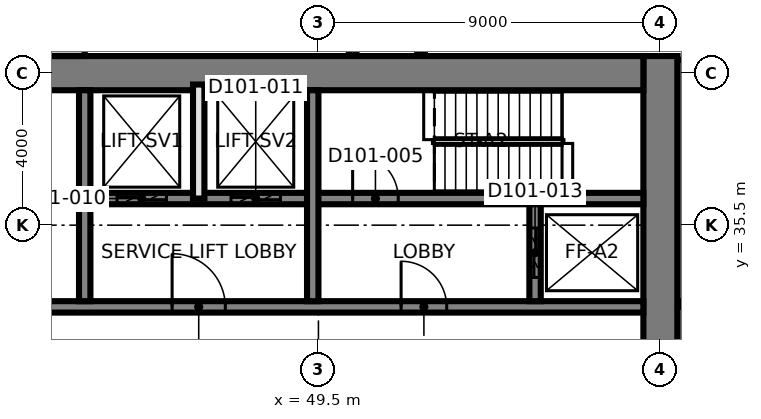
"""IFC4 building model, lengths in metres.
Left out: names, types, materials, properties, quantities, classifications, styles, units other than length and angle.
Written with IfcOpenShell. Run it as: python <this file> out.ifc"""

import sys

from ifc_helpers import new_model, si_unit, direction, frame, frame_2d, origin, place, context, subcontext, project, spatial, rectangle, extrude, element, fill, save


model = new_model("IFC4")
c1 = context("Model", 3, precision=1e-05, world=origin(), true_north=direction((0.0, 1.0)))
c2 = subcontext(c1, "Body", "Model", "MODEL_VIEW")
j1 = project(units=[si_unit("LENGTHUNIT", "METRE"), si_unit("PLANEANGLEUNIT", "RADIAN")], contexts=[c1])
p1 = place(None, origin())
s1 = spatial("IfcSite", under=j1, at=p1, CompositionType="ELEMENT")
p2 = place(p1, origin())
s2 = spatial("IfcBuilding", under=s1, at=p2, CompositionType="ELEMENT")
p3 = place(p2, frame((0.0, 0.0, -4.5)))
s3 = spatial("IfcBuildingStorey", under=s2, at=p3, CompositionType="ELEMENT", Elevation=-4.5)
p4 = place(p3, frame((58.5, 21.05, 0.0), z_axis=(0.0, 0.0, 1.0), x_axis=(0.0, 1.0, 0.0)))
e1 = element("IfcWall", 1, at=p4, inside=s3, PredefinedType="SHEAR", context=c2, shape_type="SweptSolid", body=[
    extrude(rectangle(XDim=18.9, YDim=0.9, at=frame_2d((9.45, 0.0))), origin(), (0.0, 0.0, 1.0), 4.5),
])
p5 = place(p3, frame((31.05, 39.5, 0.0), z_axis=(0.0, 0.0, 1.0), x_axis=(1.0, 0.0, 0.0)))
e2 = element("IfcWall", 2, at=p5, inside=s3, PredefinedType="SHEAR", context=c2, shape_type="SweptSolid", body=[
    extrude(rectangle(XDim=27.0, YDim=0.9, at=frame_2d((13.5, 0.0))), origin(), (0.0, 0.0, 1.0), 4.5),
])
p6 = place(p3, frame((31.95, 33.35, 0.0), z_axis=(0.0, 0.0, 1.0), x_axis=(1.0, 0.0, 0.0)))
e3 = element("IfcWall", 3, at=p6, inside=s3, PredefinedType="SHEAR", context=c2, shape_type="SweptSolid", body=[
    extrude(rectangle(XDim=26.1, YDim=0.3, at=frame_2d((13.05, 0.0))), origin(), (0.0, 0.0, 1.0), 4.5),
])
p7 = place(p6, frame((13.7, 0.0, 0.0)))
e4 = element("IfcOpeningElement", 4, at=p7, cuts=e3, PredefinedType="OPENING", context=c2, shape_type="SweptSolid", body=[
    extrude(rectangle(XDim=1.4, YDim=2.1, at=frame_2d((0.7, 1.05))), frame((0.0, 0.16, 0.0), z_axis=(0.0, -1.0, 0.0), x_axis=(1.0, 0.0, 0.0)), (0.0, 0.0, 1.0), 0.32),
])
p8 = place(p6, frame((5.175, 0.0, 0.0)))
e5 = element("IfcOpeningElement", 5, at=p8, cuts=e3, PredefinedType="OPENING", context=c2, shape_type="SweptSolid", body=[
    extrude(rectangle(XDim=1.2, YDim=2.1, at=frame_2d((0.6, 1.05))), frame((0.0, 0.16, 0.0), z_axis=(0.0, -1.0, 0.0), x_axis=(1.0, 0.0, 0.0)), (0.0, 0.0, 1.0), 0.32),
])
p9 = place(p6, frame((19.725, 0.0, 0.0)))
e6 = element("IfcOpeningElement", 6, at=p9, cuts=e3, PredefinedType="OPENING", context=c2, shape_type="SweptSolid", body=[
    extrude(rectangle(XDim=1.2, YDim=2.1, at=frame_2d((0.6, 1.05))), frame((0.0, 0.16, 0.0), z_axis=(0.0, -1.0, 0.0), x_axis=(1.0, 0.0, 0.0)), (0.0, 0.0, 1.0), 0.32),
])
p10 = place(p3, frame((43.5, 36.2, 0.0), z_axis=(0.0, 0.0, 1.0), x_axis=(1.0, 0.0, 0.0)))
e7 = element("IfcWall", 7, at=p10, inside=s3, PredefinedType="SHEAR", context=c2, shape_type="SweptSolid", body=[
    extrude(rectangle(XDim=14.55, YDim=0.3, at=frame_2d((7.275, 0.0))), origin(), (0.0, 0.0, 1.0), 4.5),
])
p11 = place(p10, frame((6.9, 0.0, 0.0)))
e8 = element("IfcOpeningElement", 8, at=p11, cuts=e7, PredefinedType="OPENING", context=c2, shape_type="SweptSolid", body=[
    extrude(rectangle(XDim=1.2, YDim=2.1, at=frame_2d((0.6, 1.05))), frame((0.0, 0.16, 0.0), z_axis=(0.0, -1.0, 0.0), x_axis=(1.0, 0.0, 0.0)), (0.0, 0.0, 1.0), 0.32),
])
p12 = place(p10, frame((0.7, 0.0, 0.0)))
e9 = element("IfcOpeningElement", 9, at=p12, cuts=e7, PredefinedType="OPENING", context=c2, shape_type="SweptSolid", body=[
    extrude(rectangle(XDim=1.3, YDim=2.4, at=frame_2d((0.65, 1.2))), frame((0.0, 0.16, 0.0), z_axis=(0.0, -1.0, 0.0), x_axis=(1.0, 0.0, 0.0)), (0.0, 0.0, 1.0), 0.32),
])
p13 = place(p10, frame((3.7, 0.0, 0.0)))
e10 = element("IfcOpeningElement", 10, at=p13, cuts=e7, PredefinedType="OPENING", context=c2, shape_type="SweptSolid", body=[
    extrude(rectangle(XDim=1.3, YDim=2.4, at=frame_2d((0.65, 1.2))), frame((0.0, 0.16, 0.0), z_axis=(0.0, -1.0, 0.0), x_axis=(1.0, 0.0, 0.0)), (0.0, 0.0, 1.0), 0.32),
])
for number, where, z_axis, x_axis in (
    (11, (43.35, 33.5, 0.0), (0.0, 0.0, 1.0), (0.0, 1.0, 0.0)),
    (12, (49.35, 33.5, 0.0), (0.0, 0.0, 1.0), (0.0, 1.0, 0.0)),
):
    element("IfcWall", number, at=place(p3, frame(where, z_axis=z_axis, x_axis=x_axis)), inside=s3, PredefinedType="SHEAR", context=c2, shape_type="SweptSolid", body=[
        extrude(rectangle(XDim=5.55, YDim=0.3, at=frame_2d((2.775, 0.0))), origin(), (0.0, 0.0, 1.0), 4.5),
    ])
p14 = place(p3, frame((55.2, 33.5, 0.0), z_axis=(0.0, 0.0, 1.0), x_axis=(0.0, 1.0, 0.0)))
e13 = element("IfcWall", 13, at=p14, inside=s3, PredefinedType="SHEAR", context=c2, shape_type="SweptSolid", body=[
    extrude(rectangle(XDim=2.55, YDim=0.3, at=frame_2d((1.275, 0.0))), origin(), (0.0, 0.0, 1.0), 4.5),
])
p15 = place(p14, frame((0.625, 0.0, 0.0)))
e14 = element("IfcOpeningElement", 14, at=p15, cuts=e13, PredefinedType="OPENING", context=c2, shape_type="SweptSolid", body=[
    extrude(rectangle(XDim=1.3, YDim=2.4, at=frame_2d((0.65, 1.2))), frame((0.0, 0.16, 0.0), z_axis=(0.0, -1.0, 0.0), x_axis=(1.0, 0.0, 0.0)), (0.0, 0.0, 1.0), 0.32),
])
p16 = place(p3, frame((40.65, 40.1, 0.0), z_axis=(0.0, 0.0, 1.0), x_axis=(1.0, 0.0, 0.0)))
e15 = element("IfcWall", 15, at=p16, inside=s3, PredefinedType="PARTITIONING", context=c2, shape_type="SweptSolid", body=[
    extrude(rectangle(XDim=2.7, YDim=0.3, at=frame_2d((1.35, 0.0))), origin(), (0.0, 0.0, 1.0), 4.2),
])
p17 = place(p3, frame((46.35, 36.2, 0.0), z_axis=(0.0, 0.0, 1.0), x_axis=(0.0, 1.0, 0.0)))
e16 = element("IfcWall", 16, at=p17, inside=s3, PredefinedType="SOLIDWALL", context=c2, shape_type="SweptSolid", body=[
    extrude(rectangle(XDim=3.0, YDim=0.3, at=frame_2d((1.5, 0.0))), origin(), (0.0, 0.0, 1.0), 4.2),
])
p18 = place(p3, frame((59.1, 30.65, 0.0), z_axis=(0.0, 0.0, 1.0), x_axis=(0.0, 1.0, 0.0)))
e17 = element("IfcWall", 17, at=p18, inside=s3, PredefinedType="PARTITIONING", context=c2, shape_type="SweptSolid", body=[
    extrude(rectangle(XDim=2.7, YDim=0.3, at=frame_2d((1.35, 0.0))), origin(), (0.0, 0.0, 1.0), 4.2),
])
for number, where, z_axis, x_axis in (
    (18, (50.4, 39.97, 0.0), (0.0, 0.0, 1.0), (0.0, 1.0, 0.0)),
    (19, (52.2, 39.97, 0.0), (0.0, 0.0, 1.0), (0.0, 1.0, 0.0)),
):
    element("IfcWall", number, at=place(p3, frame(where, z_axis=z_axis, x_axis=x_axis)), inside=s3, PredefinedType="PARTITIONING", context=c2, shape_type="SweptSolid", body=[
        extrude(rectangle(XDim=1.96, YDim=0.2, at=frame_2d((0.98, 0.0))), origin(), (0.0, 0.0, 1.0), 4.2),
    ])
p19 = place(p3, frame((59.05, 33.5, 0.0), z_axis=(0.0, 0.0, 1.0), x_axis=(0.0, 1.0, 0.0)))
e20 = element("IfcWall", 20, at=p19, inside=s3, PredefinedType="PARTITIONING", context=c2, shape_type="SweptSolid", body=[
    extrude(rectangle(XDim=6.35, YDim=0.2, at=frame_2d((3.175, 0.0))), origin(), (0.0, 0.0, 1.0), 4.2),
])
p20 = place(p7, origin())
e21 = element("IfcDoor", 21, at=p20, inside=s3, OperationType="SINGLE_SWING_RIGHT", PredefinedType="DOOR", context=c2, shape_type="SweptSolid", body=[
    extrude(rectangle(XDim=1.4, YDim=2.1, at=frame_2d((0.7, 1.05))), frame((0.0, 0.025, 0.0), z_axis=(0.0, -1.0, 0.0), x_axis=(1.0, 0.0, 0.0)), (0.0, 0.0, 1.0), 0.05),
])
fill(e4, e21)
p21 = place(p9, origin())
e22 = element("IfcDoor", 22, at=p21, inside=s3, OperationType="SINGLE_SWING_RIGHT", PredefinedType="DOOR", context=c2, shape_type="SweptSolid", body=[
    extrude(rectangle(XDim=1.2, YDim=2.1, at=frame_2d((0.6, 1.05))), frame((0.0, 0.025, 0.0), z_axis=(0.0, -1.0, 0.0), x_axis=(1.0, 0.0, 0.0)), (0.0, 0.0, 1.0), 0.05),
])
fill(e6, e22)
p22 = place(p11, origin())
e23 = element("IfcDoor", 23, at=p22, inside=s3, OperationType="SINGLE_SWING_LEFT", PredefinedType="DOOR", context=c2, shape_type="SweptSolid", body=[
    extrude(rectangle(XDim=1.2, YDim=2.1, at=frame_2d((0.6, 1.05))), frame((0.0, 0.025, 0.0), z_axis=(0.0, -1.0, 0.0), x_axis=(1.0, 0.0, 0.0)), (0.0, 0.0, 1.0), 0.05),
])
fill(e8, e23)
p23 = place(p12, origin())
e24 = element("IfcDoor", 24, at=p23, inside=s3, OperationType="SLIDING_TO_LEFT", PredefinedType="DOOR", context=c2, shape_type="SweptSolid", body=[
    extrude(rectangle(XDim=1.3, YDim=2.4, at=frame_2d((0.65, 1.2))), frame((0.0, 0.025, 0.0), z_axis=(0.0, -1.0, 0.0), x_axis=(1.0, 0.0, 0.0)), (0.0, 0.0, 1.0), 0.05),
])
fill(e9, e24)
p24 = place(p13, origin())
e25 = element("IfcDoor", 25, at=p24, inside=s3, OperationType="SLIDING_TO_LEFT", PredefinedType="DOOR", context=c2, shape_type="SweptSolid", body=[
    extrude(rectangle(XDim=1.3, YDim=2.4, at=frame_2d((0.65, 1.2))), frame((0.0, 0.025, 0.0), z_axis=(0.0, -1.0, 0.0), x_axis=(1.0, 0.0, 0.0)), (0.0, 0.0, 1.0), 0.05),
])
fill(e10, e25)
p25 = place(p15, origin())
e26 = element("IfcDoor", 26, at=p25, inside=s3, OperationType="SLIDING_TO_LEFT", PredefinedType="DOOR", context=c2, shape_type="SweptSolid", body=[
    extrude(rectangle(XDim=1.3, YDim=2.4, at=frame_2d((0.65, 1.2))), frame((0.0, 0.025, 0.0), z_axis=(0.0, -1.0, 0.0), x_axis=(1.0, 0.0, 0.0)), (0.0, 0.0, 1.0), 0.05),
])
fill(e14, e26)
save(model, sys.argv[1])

Exercise directions
Looking at the records above, return exactly the lines from the line with "fill(e8, e23)" to the line with "p24 = place(p13, origin())", both ends included.

Output below
fill(e8, e23)
p23 = place(p12, origin())
e24 = element("IfcDoor", 24, at=p23, inside=s3, OperationType="SLIDING_TO_LEFT", PredefinedType="DOOR", context=c2, shape_type="SweptSolid", body=[
    extrude(rectangle(XDim=1.3, YDim=2.4, at=frame_2d((0.65, 1.2))), frame((0.0, 0.025, 0.0), z_axis=(0.0, -1.0, 0.0), x_axis=(1.0, 0.0, 0.0)), (0.0, 0.0, 1.0), 0.05),
])
fill(e9, e24)
p24 = place(p13, origin())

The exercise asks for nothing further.